- Opening Delimiter -

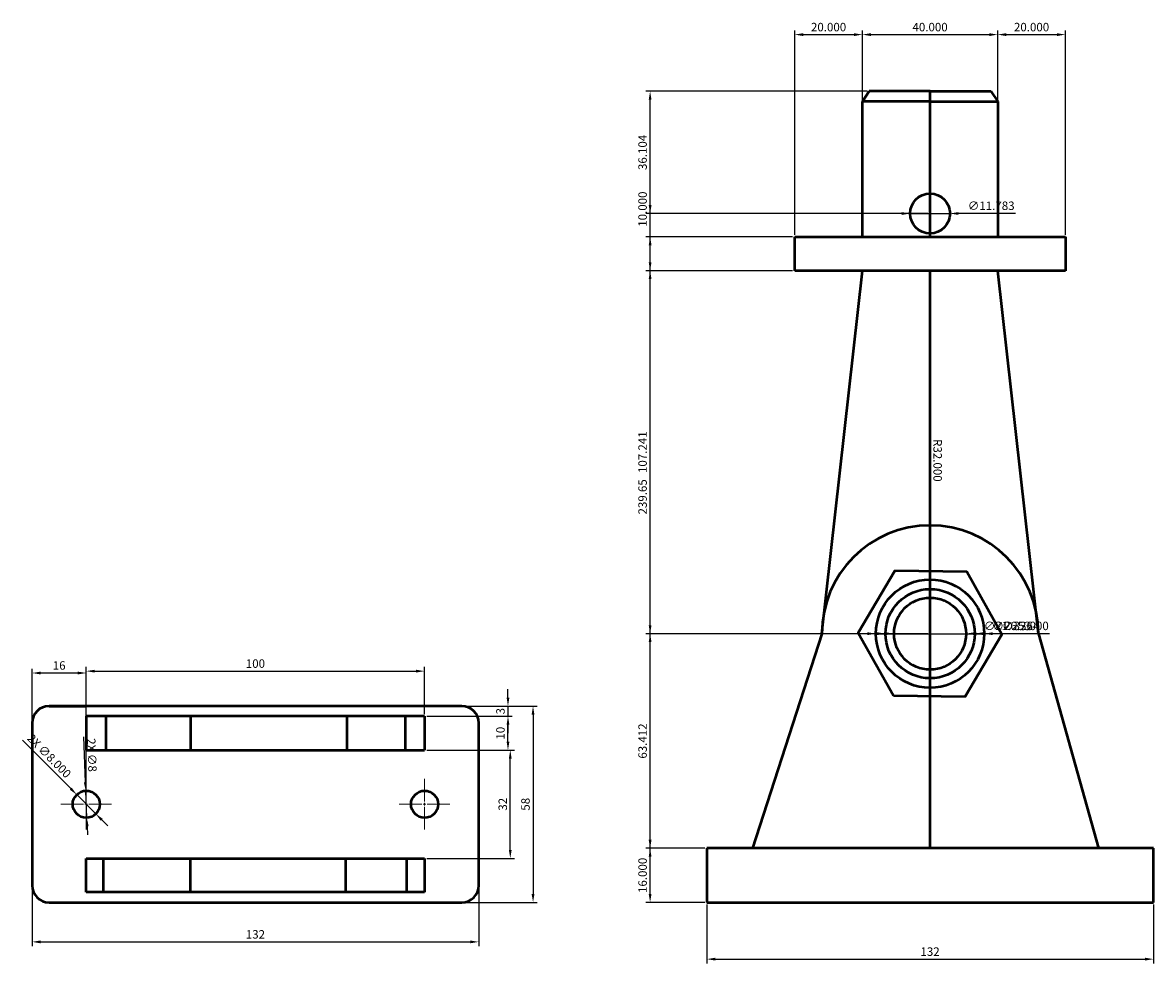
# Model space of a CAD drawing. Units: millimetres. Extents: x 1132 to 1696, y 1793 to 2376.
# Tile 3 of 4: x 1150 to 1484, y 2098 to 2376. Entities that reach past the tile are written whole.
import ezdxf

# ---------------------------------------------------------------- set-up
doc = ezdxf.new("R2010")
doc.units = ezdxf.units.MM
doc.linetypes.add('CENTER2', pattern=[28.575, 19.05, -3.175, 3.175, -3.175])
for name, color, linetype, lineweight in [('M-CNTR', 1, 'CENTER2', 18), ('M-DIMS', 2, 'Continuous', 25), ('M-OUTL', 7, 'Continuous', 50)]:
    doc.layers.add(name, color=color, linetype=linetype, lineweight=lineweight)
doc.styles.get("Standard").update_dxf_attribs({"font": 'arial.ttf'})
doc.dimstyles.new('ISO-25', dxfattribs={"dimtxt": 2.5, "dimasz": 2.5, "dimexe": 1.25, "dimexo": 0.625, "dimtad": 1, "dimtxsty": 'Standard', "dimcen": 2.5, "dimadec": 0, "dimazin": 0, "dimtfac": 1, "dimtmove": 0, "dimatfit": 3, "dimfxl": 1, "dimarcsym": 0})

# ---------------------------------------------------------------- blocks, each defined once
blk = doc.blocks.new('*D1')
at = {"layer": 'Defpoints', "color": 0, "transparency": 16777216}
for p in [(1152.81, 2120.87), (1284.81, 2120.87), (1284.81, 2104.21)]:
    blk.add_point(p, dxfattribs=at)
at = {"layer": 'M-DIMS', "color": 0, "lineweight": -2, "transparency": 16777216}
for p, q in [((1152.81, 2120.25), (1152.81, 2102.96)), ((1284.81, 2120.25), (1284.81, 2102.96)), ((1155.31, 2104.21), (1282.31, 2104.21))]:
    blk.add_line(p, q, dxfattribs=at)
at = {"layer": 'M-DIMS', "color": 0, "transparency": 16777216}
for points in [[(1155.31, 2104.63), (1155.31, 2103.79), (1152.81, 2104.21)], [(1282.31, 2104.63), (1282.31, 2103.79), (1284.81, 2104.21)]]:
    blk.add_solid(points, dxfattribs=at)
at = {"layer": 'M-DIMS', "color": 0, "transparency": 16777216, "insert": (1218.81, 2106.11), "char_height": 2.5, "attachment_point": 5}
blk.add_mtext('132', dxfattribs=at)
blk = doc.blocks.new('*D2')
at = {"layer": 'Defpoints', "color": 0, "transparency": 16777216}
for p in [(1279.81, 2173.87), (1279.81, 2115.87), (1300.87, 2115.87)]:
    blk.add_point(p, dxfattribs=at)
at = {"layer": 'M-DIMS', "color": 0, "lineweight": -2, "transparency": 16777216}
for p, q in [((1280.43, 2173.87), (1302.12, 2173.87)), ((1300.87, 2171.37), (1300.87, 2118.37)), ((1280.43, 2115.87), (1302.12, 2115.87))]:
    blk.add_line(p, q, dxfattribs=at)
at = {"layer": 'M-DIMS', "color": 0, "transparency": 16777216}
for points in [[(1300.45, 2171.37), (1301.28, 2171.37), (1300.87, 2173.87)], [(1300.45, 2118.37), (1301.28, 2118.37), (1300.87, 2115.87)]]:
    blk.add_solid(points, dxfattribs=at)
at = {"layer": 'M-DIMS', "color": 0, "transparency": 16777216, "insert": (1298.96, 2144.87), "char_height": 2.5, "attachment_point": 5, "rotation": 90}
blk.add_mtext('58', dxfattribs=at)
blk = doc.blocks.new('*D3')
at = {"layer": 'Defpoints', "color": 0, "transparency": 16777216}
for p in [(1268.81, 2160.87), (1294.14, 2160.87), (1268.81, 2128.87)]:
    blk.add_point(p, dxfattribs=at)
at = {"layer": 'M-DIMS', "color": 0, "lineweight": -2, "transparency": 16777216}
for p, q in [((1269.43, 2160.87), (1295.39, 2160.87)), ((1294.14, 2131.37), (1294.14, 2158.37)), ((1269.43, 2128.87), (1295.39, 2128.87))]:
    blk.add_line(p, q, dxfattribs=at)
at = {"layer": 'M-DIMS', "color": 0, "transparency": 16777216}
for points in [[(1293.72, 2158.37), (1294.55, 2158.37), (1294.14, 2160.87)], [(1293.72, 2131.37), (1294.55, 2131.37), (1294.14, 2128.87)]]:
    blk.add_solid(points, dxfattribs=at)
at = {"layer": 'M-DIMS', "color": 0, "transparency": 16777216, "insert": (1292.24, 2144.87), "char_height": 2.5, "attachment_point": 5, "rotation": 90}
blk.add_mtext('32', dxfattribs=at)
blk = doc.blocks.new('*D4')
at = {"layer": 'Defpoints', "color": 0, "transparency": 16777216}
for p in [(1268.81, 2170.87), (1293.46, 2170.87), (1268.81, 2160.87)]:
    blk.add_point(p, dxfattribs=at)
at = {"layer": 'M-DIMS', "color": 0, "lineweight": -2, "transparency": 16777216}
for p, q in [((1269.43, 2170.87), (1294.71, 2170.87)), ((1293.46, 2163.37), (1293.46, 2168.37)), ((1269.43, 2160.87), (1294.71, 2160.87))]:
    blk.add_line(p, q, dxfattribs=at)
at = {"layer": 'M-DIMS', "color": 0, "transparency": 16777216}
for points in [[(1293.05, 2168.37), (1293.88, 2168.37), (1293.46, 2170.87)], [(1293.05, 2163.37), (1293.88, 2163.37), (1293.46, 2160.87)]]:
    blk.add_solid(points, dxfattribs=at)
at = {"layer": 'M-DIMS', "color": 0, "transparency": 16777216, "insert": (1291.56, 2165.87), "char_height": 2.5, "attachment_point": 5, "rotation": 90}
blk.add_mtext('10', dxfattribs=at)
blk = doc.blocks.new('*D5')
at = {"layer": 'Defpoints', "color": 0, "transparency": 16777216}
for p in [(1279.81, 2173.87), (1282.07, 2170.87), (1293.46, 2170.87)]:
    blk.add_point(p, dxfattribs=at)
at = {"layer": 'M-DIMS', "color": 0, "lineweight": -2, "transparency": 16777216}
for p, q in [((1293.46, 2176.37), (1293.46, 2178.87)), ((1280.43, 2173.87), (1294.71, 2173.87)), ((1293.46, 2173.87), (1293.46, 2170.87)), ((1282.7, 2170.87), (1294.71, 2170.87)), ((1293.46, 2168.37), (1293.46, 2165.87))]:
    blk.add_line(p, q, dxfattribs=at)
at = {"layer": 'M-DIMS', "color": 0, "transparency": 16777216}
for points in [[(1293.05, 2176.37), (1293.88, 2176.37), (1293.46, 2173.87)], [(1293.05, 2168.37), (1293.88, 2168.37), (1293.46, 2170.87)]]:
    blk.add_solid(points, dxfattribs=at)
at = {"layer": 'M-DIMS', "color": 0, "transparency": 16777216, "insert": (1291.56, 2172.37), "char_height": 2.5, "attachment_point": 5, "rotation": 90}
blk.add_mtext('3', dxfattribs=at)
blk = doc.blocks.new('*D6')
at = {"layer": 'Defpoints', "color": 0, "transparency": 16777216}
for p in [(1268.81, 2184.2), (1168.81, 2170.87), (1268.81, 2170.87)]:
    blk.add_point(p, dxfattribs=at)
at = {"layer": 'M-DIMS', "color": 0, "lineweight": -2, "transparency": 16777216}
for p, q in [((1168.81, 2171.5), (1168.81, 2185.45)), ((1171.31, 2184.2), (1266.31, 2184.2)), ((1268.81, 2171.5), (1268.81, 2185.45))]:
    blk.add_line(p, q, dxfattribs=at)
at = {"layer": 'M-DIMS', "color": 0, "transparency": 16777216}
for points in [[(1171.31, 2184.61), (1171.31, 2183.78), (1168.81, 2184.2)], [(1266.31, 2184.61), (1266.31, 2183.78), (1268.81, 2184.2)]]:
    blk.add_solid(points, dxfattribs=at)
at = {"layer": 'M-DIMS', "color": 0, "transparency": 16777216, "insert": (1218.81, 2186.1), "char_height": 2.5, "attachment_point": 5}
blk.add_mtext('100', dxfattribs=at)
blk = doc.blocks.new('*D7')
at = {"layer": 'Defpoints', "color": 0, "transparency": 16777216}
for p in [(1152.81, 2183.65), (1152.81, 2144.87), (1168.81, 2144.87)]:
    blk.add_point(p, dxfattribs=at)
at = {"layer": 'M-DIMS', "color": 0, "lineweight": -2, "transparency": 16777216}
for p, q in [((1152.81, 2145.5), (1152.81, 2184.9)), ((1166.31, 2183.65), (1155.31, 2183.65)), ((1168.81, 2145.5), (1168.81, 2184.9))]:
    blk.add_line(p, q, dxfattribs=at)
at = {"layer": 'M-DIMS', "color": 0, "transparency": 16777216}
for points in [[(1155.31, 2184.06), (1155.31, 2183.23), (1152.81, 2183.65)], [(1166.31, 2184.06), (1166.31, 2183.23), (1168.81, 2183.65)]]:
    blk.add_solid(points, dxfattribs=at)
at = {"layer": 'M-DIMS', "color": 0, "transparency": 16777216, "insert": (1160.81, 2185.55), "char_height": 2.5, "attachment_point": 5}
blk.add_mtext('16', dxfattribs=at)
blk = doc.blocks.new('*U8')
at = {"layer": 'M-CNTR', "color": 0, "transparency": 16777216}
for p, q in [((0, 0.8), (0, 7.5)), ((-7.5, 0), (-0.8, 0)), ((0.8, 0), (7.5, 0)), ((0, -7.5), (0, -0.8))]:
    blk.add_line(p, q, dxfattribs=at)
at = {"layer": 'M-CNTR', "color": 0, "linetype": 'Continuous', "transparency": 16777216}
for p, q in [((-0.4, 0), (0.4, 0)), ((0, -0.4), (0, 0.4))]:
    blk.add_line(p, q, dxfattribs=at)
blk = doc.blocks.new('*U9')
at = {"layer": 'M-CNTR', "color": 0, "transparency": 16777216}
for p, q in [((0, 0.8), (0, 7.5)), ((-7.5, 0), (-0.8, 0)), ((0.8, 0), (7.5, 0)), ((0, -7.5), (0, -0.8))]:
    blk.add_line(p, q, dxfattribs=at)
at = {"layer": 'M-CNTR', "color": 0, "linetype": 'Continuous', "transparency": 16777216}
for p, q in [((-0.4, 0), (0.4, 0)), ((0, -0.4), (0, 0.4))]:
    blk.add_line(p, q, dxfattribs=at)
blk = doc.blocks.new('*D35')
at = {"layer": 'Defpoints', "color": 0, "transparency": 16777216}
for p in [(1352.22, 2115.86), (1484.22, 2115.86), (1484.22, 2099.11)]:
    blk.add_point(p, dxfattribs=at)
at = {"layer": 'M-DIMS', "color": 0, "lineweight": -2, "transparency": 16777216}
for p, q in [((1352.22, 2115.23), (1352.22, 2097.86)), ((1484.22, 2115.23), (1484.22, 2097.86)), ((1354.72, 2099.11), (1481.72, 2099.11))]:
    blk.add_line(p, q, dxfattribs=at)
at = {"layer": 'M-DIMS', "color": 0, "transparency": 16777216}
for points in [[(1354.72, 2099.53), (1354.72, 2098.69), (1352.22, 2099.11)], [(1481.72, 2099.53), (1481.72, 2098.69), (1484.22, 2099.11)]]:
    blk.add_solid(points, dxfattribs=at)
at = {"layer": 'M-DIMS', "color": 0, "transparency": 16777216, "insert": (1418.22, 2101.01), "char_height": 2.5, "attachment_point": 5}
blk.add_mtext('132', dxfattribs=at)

- Closing Delimiter -

### WHAT THE EXERCISE ASKS
Across the whole listing above, find every line with the string "ezdxf" and copy it.

### RESULT OF THIS TASK
import ezdxf
doc = ezdxf.new("R2010")
doc.units = ezdxf.units.MM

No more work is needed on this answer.